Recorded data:
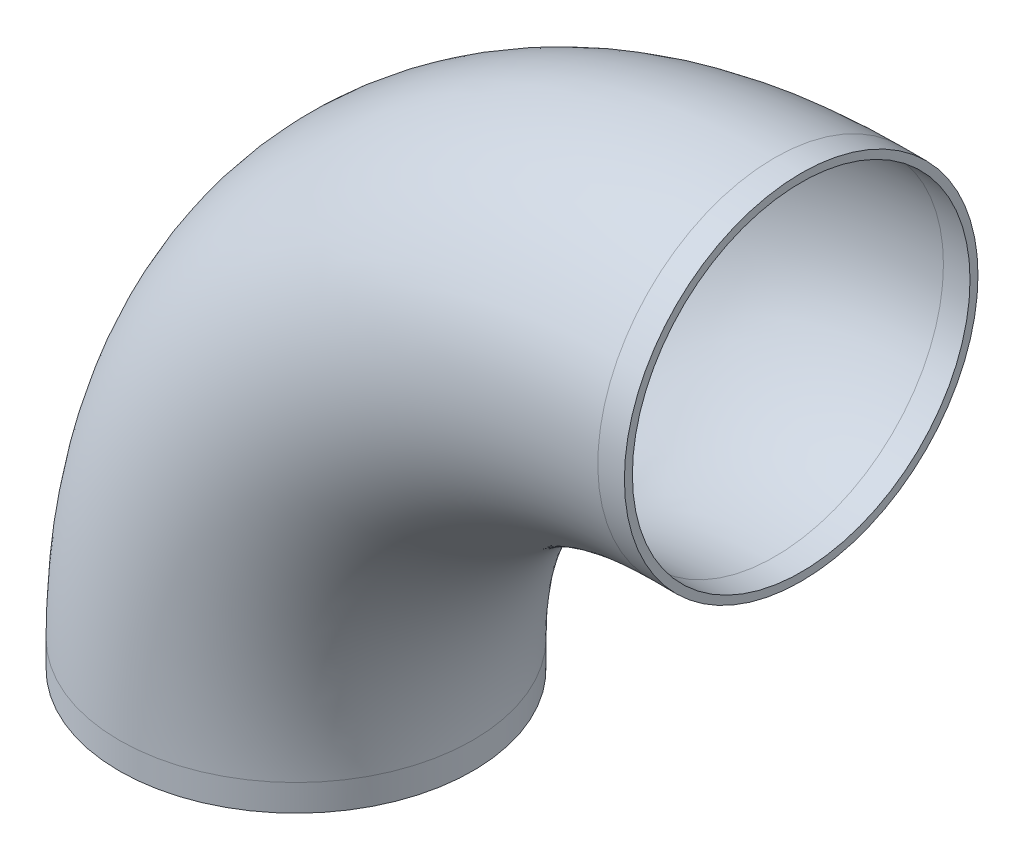
SolidWorks part; units mm, degrees
material "304不锈钢  "
ref_plane "Front Plane" through (0, 0, 0) normal (0, 0, 1) x (1, 0, 0)
ref_plane "Top Plane" through (0, 0, 0) normal (0, 1, 0) x (1, 0, 0)
ref_plane "Right Plane" through (0, 0, 0) normal (1, 0, 0) x (0, 0, -1)
sketch "Sketch1" plane through (0, 0, 0) normal (0, 1, 0) x (1, 0, 0)
  circle A0 centre (0, 0) radius 66.5
  dimension "D2" = 133
sketch3d "3DSketch1"
  circle A1 centre (0, 0, 0) radius 66.5
  circle A3 centre (0, 0, 0) radius 66.5
  circle A4 centre (0, 0, 0) radius 66.5
  circle A5 centre (0, 0, 0) radius 66.5
  point P5 (0, 66.5, 0)
  point P7 (0, 66.5, 0)
  point P10 (0, 66.5, 0)
  point P12 (0, 66.5, 0)
  dimension "D1" = 0
  dimension "D2" = 0
sketch "Sketch2" plane through (0, 0, 0) normal (0, 0, 1) x (1, 0, 0)
  line L2 (0, 0) -> (0, 10)
  line L3 (180, 190) -> (190, 190)
  arc A0 (0, 10) -> (180, 190) centre (180, 10) cw
  point P8 (0, 190)
  dimension "D3" = 180
  dimension "D1" = 190
  dimension "D2" = 190
sweep "Sweep1" add profiles "Sketch1" path "Sketch2"
shell "Shell1" thickness 3

What the exercise asks — When you reach the line containing "0) x (0, 0, -1)" in the data above, start copying exactly, and stop after the line containing "point P7 (0, 66.5, 0)".

Written answer —
ref_plane "Right Plane" through (0, 0, 0) normal (1, 0, 0) x (0, 0, -1)
sketch "Sketch1" plane through (0, 0, 0) normal (0, 1, 0) x (1, 0, 0)
  circle A0 centre (0, 0) radius 66.5
  dimension "D2" = 133
sketch3d "3DSketch1"
  circle A1 centre (0, 0, 0) radius 66.5
  circle A3 centre (0, 0, 0) radius 66.5
  circle A4 centre (0, 0, 0) radius 66.5
  circle A5 centre (0, 0, 0) radius 66.5
  point P5 (0, 66.5, 0)
  point P7 (0, 66.5, 0)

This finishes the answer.